(Data excerpts)
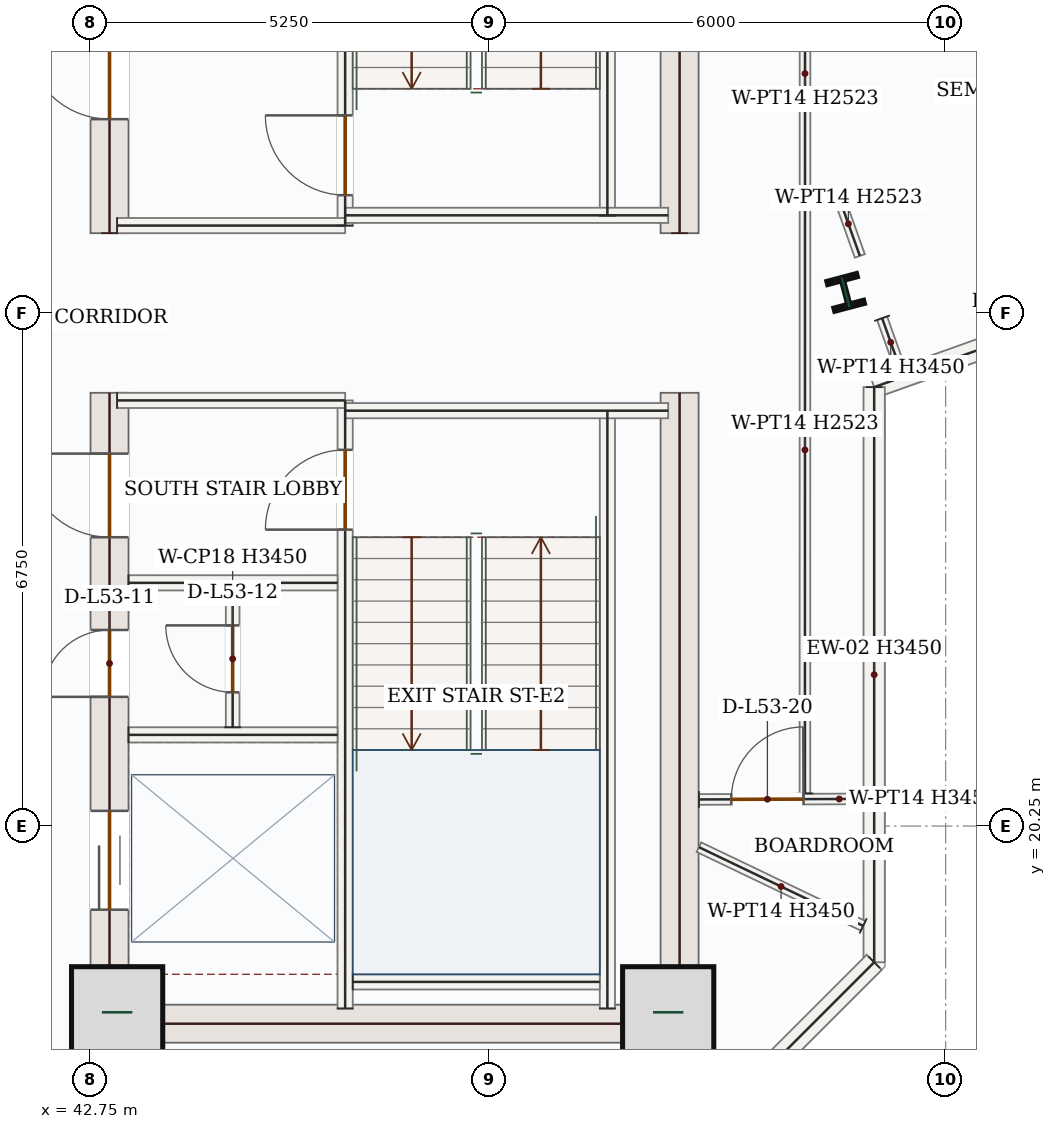
"""IFC4 building model, lengths in metres.
Left out: names, types, materials, properties, quantities, classifications, styles, units other than length and angle.
Written with IfcOpenShell. Run it as: python <this file> out.ifc"""

import sys

from ifc_helpers import new_model, si_unit, direction, frame, frame_2d, origin, origin_2d, place, context, subcontext, project, spatial, rectangle, i_section, extrude, source, transform, mapped, element, fill, save


model = new_model("IFC4")
c1 = context("Model", 3, precision=1e-05, world=origin(), true_north=direction((0.0, 1.0)))
c2 = subcontext(c1, "Body", "Model", "MODEL_VIEW")
j1 = project(units=[si_unit("LENGTHUNIT", "METRE"), si_unit("PLANEANGLEUNIT", "RADIAN")], contexts=[c1])
p1 = place(None, origin())
s1 = spatial("IfcSite", under=j1, at=p1, CompositionType="ELEMENT")
p2 = place(p1, origin())
s2 = spatial("IfcBuilding", under=s1, at=p2, CompositionType="ELEMENT")
p3 = place(p2, frame((0.0, 0.0, 225.3)))
s3 = spatial("IfcBuildingStorey", under=s2, at=p3, CompositionType="ELEMENT", Elevation=225.3)
p4 = place(p3, frame((43.0, 17.4, 0.0), z_axis=(0.0, 0.0, 1.0), x_axis=(0.0, 1.0, 0.0)))
e1 = element("IfcWall", 1, at=p4, inside=s3, PredefinedType="SHEAR", context=c2, shape_type="SweptSolid", body=[
    extrude(rectangle(XDim=8.55, YDim=0.5, at=frame_2d((4.275, 0.0))), origin(), (0.0, 0.0, 1.0), 3.45),
])
p5 = place(p4, frame((6.65, 0.0, 0.0)))
e2 = element("IfcOpeningElement", 2, at=p5, cuts=e1, PredefinedType="OPENING", context=c2, shape_type="SweptSolid", body=[
    extrude(rectangle(XDim=1.1, YDim=2.2, at=frame_2d((0.55, 1.1))), frame((0.0, 0.26, 0.0), z_axis=(0.0, -1.0, 0.0), x_axis=(1.0, 0.0, 0.0)), (0.0, 0.0, 1.0), 0.52),
])
p6 = place(p4, frame((1.75, 0.0, 0.0)))
e3 = element("IfcOpeningElement", 3, at=p6, cuts=e1, PredefinedType="OPENING", context=c2, shape_type="SweptSolid", body=[
    extrude(rectangle(XDim=1.3, YDim=2.2, at=frame_2d((0.65, 1.1))), frame((0.0, 0.26, 0.0), z_axis=(0.0, -1.0, 0.0), x_axis=(1.0, 0.0, 0.0)), (0.0, 0.0, 1.0), 0.52),
])
p7 = place(p4, frame((4.55, 0.0, 0.0)))
e4 = element("IfcOpeningElement", 4, at=p7, cuts=e1, PredefinedType="OPENING", context=c2, shape_type="SweptSolid", body=[
    extrude(rectangle(XDim=0.88, YDim=2.1, at=frame_2d((0.44, 1.05))), frame((0.0, 0.26, 0.0), z_axis=(0.0, -1.0, 0.0), x_axis=(1.0, 0.0, 0.0)), (0.0, 0.0, 1.0), 0.52),
])
p8 = place(p3, frame((43.0, 28.05, 0.0), z_axis=(0.0, 0.0, 1.0), x_axis=(0.0, 1.0, 0.0)))
e5 = element("IfcWall", 5, at=p8, inside=s3, PredefinedType="SHEAR", context=c2, shape_type="SweptSolid", body=[
    extrude(rectangle(XDim=8.55, YDim=0.5, at=frame_2d((4.275, 0.0))), origin(), (0.0, 0.0, 1.0), 3.45),
])
p9 = place(p8, frame((1.5, 0.0, 0.0)))
e6 = element("IfcOpeningElement", 6, at=p9, cuts=e5, PredefinedType="OPENING", context=c2, shape_type="SweptSolid", body=[
    extrude(rectangle(XDim=1.1, YDim=2.2, at=frame_2d((0.55, 1.1))), frame((0.0, 0.26, 0.0), z_axis=(0.0, -1.0, 0.0), x_axis=(1.0, 0.0, 0.0)), (0.0, 0.0, 1.0), 0.52),
])
m1 = source(origin(), c2, "Body", "SweptSolid", [
    extrude(rectangle(XDim=8.55, YDim=0.5, at=frame_2d((4.275, 0.0))), origin(), (0.0, 0.0, 1.0), 3.45),
])
for number, where, z_axis, x_axis in (
    (7, (50.5, 17.4, 0.0), (0.0, 0.0, 1.0), (0.0, 1.0, 0.0)),
    (8, (50.5, 28.05, 0.0), (0.0, 0.0, 1.0), (0.0, 1.0, 0.0)),
):
    element("IfcWall", number, at=place(p3, frame(where, z_axis=z_axis, x_axis=x_axis)), inside=s3, PredefinedType="SHEAR", context=c2, shape_type="MappedRepresentation", body=[
        mapped(m1, transform((0.0, 0.0, 0.0), x_axis=(1.0, 0.0, 0.0), y_axis=(0.0, 1.0, 0.0), z_axis=(0.0, 0.0, 1.0), scale=1.0)),
    ])
m2 = source(origin(), c2, "Body", "SweptSolid", [
    extrude(rectangle(XDim=7.0, YDim=0.5, at=frame_2d((3.5, 0.0))), origin(), (0.0, 0.0, 1.0), 3.45),
])
p10 = place(p3, frame((43.25, 17.65, 0.0), z_axis=(0.0, 0.0, 1.0), x_axis=(1.0, 0.0, 0.0)))
e9 = element("IfcWall", 9, at=p10, inside=s3, PredefinedType="SHEAR", context=c2, shape_type="MappedRepresentation", body=[
    mapped(m2, transform((0.0, 0.0, 0.0), x_axis=(1.0, 0.0, 0.0), y_axis=(0.0, 1.0, 0.0), z_axis=(0.0, 0.0, 1.0), scale=1.0)),
])
m3 = source(origin(), c2, "Body", "SweptSolid", [
    extrude(rectangle(XDim=1.2, YDim=1.2, at=origin_2d()), origin(), (0.0, 0.0, 1.0), 3.9),
])
for number, where, z_axis, x_axis in (
    (10, (43.1, 17.8, 0.0), (0.0, 0.0, 1.0), (1.0, 0.0, 0.0)),
    (11, (50.35, 17.8, 0.0), (0.0, 0.0, 1.0), (1.0, 0.0, 0.0)),
):
    element("IfcColumn", number, at=place(p3, frame(where, z_axis=z_axis, x_axis=x_axis)), inside=s3, PredefinedType="COLUMN", context=c2, shape_type="MappedRepresentation", body=[
        mapped(m3, transform((0.0, 0.0, 0.0), x_axis=(1.0, 0.0, 0.0), y_axis=(0.0, 1.0, 0.0), z_axis=(0.0, 0.0, 1.0), scale=1.0)),
    ])
m4 = source(origin(), c2, "Body", "SweptSolid", [
    extrude(i_section(OverallWidth=0.404, OverallDepth=0.407, WebThickness=0.027, FlangeThickness=0.044, FilletRadius=0.018, at=origin_2d()), origin(), (0.0, 0.0, 1.0), 3.9),
])
p11 = place(p3, frame((52.684, 27.271, 0.0), z_axis=(0.0, 0.0, 1.0), x_axis=(0.966823388604, 0.255445757936, 0.0)))
e12 = element("IfcColumn", 12, at=p11, inside=s3, PredefinedType="COLUMN", context=c2, shape_type="MappedRepresentation", body=[
    mapped(m4, transform((0.0, 0.0, 0.0), x_axis=(1.0, 0.0, 0.0), y_axis=(0.0, 1.0, 0.0), z_axis=(0.0, 0.0, 1.0), scale=1.0)),
])
m5 = source(origin(), c2, "Body", "SweptSolid", [
    extrude(rectangle(XDim=4.624, YDim=0.28, at=frame_2d((2.312, 0.0))), origin(), (0.0, 0.0, 1.0), 3.45),
])
p12 = place(p3, frame((57.414, 27.581, 0.0), z_axis=(0.0, 0.0, 1.0), x_axis=(-0.941673795185, -0.336527062004, 0.0)))
e13 = element("IfcWall", 13, at=p12, inside=s3, PredefinedType="SOLIDWALL", context=c2, shape_type="MappedRepresentation", body=[
    mapped(m5, transform((0.0, 0.0, 0.0), x_axis=(1.0, 0.0, 0.0), y_axis=(0.0, 1.0, 0.0), z_axis=(0.0, 0.0, 1.0), scale=1.0)),
])
m6 = source(origin(), c2, "Body", "SweptSolid", [
    extrude(rectangle(XDim=7.567, YDim=0.28, at=frame_2d((3.783, 0.0))), origin(), (0.0, 0.0, 1.0), 3.45),
])
p13 = place(p3, frame((53.06, 26.025, 0.0), z_axis=(0.0, 0.0, 1.0), x_axis=(0.0, -1.0, 0.0)))
e14 = element("IfcWall", 14, at=p13, inside=s3, PredefinedType="SOLIDWALL", context=c2, shape_type="MappedRepresentation", body=[
    mapped(m6, transform((0.0, 0.0, 0.0), x_axis=(1.0, 0.0, 0.0), y_axis=(0.0, 1.0, 0.0), z_axis=(0.0, 0.0, 1.0), scale=1.0)),
])
m7 = source(origin(), c2, "Body", "SweptSolid", [
    extrude(rectangle(XDim=5.258, YDim=0.28, at=frame_2d((2.629, 0.0))), origin(), (0.0, 0.0, 1.0), 3.45),
])
p14 = place(p3, frame((53.06, 18.458, 0.0), z_axis=(0.0, 0.0, 1.0), x_axis=(-0.707106781187, -0.707106781187, 0.0)))
e15 = element("IfcWall", 15, at=p14, inside=s3, PredefinedType="SOLIDWALL", context=c2, shape_type="MappedRepresentation", body=[
    mapped(m7, transform((0.0, 0.0, 0.0), x_axis=(1.0, 0.0, 0.0), y_axis=(0.0, 1.0, 0.0), z_axis=(0.0, 0.0, 1.0), scale=1.0)),
])
m8 = source(origin(), c2, "Body", "SweptSolid", [
    extrude(rectangle(XDim=7.87, YDim=0.2, at=frame_2d((3.935, 0.0))), origin(), (0.0, 0.0, 1.0), 3.45),
])
for number, where, z_axis, x_axis in (
    (16, (49.55, 17.85, 0.0), (0.0, 0.0, 1.0), (0.0, 1.0, 0.0)),
    (17, (49.55, 28.28, 0.0), (0.0, 0.0, 1.0), (0.0, 1.0, 0.0)),
):
    element("IfcWall", number, at=place(p3, frame(where, z_axis=z_axis, x_axis=x_axis)), inside=s3, PredefinedType="SOLIDWALL", context=c2, shape_type="MappedRepresentation", body=[
        mapped(m8, transform((0.0, 0.0, 0.0), x_axis=(1.0, 0.0, 0.0), y_axis=(0.0, 1.0, 0.0), z_axis=(0.0, 0.0, 1.0), scale=1.0)),
    ])
p15 = place(p3, frame((46.1, 17.85, 0.0), z_axis=(0.0, 0.0, 1.0), x_axis=(0.0, 1.0, 0.0)))
e18 = element("IfcWall", 18, at=p15, inside=s3, PredefinedType="SOLIDWALL", context=c2, shape_type="SweptSolid", body=[
    extrude(rectangle(XDim=8.0, YDim=0.2, at=frame_2d((4.0, 0.0))), origin(), (0.0, 0.0, 1.0), 3.45),
])
p16 = place(p15, frame((6.3, 0.0, 0.0)))
e19 = element("IfcOpeningElement", 19, at=p16, cuts=e18, PredefinedType="OPENING", context=c2, shape_type="SweptSolid", body=[
    extrude(rectangle(XDim=1.05, YDim=2.15, at=frame_2d((0.525, 1.075))), frame((0.0, 0.11, 0.0), z_axis=(0.0, -1.0, 0.0), x_axis=(1.0, 0.0, 0.0)), (0.0, 0.0, 1.0), 0.22),
])
p17 = place(p3, frame((46.1, 28.15, 0.0), z_axis=(0.0, 0.0, 1.0), x_axis=(0.0, 1.0, 0.0)))
e20 = element("IfcWall", 20, at=p17, inside=s3, PredefinedType="SOLIDWALL", context=c2, shape_type="SweptSolid", body=[
    extrude(rectangle(XDim=8.0, YDim=0.2, at=frame_2d((4.0, 0.0))), origin(), (0.0, 0.0, 1.0), 3.45),
])
p18 = place(p17, frame((0.4, 0.0, 0.0)))
e21 = element("IfcOpeningElement", 21, at=p18, cuts=e20, PredefinedType="OPENING", context=c2, shape_type="SweptSolid", body=[
    extrude(rectangle(XDim=1.05, YDim=2.15, at=frame_2d((0.525, 1.075))), frame((0.0, 0.11, 0.0), z_axis=(0.0, -1.0, 0.0), x_axis=(1.0, 0.0, 0.0)), (0.0, 0.0, 1.0), 0.22),
])
m9 = source(origin(), c2, "Body", "SweptSolid", [
    extrude(rectangle(XDim=3.0, YDim=0.2, at=frame_2d((1.5, 0.0))), origin(), (0.0, 0.0, 1.0), 3.45),
])
p19 = place(p3, frame((43.1, 25.85, 0.0), z_axis=(0.0, 0.0, 1.0), x_axis=(1.0, 0.0, 0.0)))
e22 = element("IfcWall", 22, at=p19, inside=s3, PredefinedType="SOLIDWALL", context=c2, shape_type="MappedRepresentation", body=[
    mapped(m9, transform((0.0, 0.0, 0.0), x_axis=(1.0, 0.0, 0.0), y_axis=(0.0, 1.0, 0.0), z_axis=(0.0, 0.0, 1.0), scale=1.0)),
])
m10 = source(origin(), c2, "Body", "SweptSolid", [
    extrude(rectangle(XDim=4.25, YDim=0.2, at=frame_2d((2.125, 0.0))), origin(), (0.0, 0.0, 1.0), 3.45),
])
p20 = place(p3, frame((46.1, 25.715, 0.0), z_axis=(0.0, 0.0, 1.0), x_axis=(1.0, 0.0, 0.0)))
e23 = element("IfcWall", 23, at=p20, inside=s3, PredefinedType="SOLIDWALL", context=c2, shape_type="MappedRepresentation", body=[
    mapped(m10, transform((0.0, 0.0, 0.0), x_axis=(1.0, 0.0, 0.0), y_axis=(0.0, 1.0, 0.0), z_axis=(0.0, 0.0, 1.0), scale=1.0)),
])
p21 = place(p3, frame((43.1, 28.15, 0.0), z_axis=(0.0, 0.0, 1.0), x_axis=(1.0, 0.0, 0.0)))
e24 = element("IfcWall", 24, at=p21, inside=s3, PredefinedType="SOLIDWALL", context=c2, shape_type="MappedRepresentation", body=[
    mapped(m9, transform((0.0, 0.0, 0.0), x_axis=(1.0, 0.0, 0.0), y_axis=(0.0, 1.0, 0.0), z_axis=(0.0, 0.0, 1.0), scale=1.0)),
])
p22 = place(p3, frame((46.1, 28.285, 0.0), z_axis=(0.0, 0.0, 1.0), x_axis=(1.0, 0.0, 0.0)))
e25 = element("IfcWall", 25, at=p22, inside=s3, PredefinedType="SOLIDWALL", context=c2, shape_type="MappedRepresentation", body=[
    mapped(m10, transform((0.0, 0.0, 0.0), x_axis=(1.0, 0.0, 0.0), y_axis=(0.0, 1.0, 0.0), z_axis=(0.0, 0.0, 1.0), scale=1.0)),
])
m11 = source(origin(), c2, "Body", "SweptSolid", [
    extrude(rectangle(XDim=3.25, YDim=0.2, at=frame_2d((1.625, 0.0))), origin(), (0.0, 0.0, 1.0), 3.45),
])
p23 = place(p3, frame((46.2, 18.2, 0.0), z_axis=(0.0, 0.0, 1.0), x_axis=(1.0, 0.0, 0.0)))
e26 = element("IfcWall", 26, at=p23, inside=s3, PredefinedType="SOLIDWALL", context=c2, shape_type="MappedRepresentation", body=[
    mapped(m11, transform((0.0, 0.0, 0.0), x_axis=(1.0, 0.0, 0.0), y_axis=(0.0, 1.0, 0.0), z_axis=(0.0, 0.0, 1.0), scale=1.0)),
])
m12 = source(origin(), c2, "Body", "SweptSolid", [
    extrude(rectangle(XDim=2.75, YDim=0.2, at=frame_2d((1.375, 0.0))), origin(), (0.0, 0.0, 1.0), 3.45),
])
for number, where, z_axis, x_axis in (
    (27, (43.25, 23.45, 0.0), (0.0, 0.0, 1.0), (1.0, 0.0, 0.0)),
    (28, (43.25, 21.45, 0.0), (0.0, 0.0, 1.0), (1.0, 0.0, 0.0)),
):
    element("IfcWall", number, at=place(p3, frame(where, z_axis=z_axis, x_axis=x_axis)), inside=s3, PredefinedType="SOLIDWALL", context=c2, shape_type="MappedRepresentation", body=[
        mapped(m12, transform((0.0, 0.0, 0.0), x_axis=(1.0, 0.0, 0.0), y_axis=(0.0, 1.0, 0.0), z_axis=(0.0, 0.0, 1.0), scale=1.0)),
    ])
p24 = place(p3, frame((44.62, 21.55, 0.0), z_axis=(0.0, 0.0, 1.0), x_axis=(0.0, 1.0, 0.0)))
e29 = element("IfcWall", 29, at=p24, inside=s3, PredefinedType="PARTITIONING", context=c2, shape_type="SweptSolid", body=[
    extrude(rectangle(XDim=1.8, YDim=0.18, at=frame_2d((0.9, 0.0))), origin(), (0.0, 0.0, 1.0), 3.45),
])
p25 = place(p24, frame((0.46, 0.0, 0.0)))
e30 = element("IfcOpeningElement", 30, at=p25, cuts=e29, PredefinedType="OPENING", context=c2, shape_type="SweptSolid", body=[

**TASK DIRECTIONS**
For each line of the data that has the word "subcontext", report that line.

**EXERCISE OUTPUT**
from ifc_helpers import new_model, si_unit, direction, frame, frame_2d, origin, origin_2d, place, context, subcontext, project, spatial, rectangle, i_section, extrude, source, transform, mapped, element, fill, save
c2 = subcontext(c1, "Body", "Model", "MODEL_VIEW")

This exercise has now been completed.